*ASSIGNMENT*
Return, exactly as written, every line from the first line of the data below through the line that contains "from ifc_helpers import".

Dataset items

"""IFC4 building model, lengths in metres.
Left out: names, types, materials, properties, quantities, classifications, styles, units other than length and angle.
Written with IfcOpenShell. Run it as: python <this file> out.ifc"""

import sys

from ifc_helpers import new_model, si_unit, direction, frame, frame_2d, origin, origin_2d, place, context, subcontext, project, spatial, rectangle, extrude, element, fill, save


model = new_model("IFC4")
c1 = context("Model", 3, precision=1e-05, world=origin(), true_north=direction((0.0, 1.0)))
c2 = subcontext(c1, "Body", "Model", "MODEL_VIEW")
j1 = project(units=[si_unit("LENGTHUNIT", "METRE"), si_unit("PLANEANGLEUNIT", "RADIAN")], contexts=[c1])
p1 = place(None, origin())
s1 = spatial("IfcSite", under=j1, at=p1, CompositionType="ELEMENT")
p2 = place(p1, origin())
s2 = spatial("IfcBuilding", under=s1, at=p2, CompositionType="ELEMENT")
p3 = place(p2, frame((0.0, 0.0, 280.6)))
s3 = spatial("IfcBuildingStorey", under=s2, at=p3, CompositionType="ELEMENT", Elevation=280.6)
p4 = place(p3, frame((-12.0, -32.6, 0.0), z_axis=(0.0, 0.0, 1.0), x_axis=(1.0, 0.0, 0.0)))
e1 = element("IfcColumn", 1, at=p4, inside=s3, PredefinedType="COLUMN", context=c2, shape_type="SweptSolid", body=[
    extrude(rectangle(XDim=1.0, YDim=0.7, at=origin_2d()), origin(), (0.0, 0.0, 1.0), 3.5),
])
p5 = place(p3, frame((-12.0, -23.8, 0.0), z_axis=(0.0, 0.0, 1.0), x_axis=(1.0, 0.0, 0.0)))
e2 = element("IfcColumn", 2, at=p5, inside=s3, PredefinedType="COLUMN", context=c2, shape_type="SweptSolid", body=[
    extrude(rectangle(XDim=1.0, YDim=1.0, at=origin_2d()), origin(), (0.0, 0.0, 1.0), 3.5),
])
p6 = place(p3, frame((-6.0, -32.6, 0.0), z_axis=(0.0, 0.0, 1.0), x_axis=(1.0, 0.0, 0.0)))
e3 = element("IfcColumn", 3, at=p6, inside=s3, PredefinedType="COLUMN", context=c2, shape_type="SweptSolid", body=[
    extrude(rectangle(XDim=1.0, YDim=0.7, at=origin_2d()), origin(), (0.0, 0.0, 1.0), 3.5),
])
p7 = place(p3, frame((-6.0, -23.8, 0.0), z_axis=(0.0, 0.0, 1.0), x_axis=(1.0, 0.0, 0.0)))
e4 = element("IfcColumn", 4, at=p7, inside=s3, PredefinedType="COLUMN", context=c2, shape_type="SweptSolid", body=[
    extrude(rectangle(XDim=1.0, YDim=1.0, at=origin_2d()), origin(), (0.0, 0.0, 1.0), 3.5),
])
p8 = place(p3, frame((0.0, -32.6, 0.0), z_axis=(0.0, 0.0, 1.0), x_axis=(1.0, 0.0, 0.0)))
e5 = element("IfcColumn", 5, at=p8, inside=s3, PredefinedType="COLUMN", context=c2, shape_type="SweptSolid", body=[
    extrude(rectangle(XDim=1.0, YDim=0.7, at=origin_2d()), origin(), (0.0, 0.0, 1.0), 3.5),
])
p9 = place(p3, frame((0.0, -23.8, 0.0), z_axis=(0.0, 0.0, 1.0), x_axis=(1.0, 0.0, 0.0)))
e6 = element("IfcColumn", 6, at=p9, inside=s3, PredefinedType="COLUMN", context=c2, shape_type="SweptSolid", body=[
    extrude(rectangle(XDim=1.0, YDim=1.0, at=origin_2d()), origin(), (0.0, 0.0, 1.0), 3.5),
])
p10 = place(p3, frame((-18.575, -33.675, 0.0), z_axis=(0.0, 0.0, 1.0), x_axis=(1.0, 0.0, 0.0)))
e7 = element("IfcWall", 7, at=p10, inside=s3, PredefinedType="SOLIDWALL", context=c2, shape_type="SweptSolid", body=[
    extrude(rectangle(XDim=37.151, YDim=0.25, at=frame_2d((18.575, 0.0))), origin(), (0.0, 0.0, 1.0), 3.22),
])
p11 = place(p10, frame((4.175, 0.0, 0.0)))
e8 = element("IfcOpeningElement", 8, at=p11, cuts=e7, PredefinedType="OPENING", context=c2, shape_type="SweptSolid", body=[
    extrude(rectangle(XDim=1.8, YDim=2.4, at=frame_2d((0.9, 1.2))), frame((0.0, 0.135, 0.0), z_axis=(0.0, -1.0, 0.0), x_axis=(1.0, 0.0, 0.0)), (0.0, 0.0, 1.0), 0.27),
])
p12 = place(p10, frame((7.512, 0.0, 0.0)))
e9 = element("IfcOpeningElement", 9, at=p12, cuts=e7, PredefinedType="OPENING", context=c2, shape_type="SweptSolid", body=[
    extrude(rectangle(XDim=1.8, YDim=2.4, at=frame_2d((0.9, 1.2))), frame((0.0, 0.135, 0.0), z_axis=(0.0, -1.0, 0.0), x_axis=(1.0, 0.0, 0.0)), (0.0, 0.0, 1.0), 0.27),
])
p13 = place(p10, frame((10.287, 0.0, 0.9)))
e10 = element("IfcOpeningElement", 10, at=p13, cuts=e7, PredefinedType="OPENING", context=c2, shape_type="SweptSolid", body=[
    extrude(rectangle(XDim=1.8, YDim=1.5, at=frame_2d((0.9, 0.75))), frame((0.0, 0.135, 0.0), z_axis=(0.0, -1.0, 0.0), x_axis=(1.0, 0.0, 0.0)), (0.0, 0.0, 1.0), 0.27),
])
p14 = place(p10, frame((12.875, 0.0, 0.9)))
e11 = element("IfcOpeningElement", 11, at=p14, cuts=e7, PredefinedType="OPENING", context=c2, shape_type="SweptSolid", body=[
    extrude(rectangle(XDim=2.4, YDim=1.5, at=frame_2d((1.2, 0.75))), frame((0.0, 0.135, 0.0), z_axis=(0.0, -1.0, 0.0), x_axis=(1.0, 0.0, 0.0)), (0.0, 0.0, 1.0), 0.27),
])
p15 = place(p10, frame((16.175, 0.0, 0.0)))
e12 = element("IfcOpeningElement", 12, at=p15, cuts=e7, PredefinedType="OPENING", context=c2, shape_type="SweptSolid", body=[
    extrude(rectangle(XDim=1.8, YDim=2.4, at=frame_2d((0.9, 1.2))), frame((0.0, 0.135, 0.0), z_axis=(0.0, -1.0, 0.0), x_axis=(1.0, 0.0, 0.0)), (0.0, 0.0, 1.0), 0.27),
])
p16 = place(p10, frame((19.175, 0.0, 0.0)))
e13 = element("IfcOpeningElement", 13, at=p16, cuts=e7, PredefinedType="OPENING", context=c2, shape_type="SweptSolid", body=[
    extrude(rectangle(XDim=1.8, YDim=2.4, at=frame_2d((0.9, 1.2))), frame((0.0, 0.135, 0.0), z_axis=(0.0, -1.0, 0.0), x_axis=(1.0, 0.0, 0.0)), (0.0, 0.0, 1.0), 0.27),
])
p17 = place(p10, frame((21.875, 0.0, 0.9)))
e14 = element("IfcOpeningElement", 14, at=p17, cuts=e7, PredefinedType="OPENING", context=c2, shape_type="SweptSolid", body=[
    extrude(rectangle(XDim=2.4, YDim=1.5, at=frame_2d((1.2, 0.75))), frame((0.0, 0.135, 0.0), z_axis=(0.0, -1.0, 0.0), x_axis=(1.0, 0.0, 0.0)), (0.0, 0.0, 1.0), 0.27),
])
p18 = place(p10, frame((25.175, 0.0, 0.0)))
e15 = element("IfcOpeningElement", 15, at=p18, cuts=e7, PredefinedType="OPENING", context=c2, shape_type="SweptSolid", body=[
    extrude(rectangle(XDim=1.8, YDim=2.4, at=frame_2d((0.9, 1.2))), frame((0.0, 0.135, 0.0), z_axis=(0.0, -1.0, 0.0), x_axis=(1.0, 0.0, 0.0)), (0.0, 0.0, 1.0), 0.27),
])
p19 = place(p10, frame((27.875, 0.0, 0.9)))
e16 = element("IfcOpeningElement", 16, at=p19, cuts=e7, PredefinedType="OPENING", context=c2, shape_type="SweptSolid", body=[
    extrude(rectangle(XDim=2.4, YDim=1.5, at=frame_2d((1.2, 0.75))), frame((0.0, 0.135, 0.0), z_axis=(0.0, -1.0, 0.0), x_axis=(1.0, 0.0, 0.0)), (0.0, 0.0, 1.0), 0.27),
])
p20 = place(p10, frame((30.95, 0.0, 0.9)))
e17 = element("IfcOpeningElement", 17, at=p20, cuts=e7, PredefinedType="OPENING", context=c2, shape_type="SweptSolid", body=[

*EXERCISE SOLUTION*
"""IFC4 building model, lengths in metres.
Left out: names, types, materials, properties, quantities, classifications, styles, units other than length and angle.
Written with IfcOpenShell. Run it as: python <this file> out.ifc"""

import sys

from ifc_helpers import new_model, si_unit, direction, frame, frame_2d, origin, origin_2d, place, context, subcontext, project, spatial, rectangle, extrude, element, fill, save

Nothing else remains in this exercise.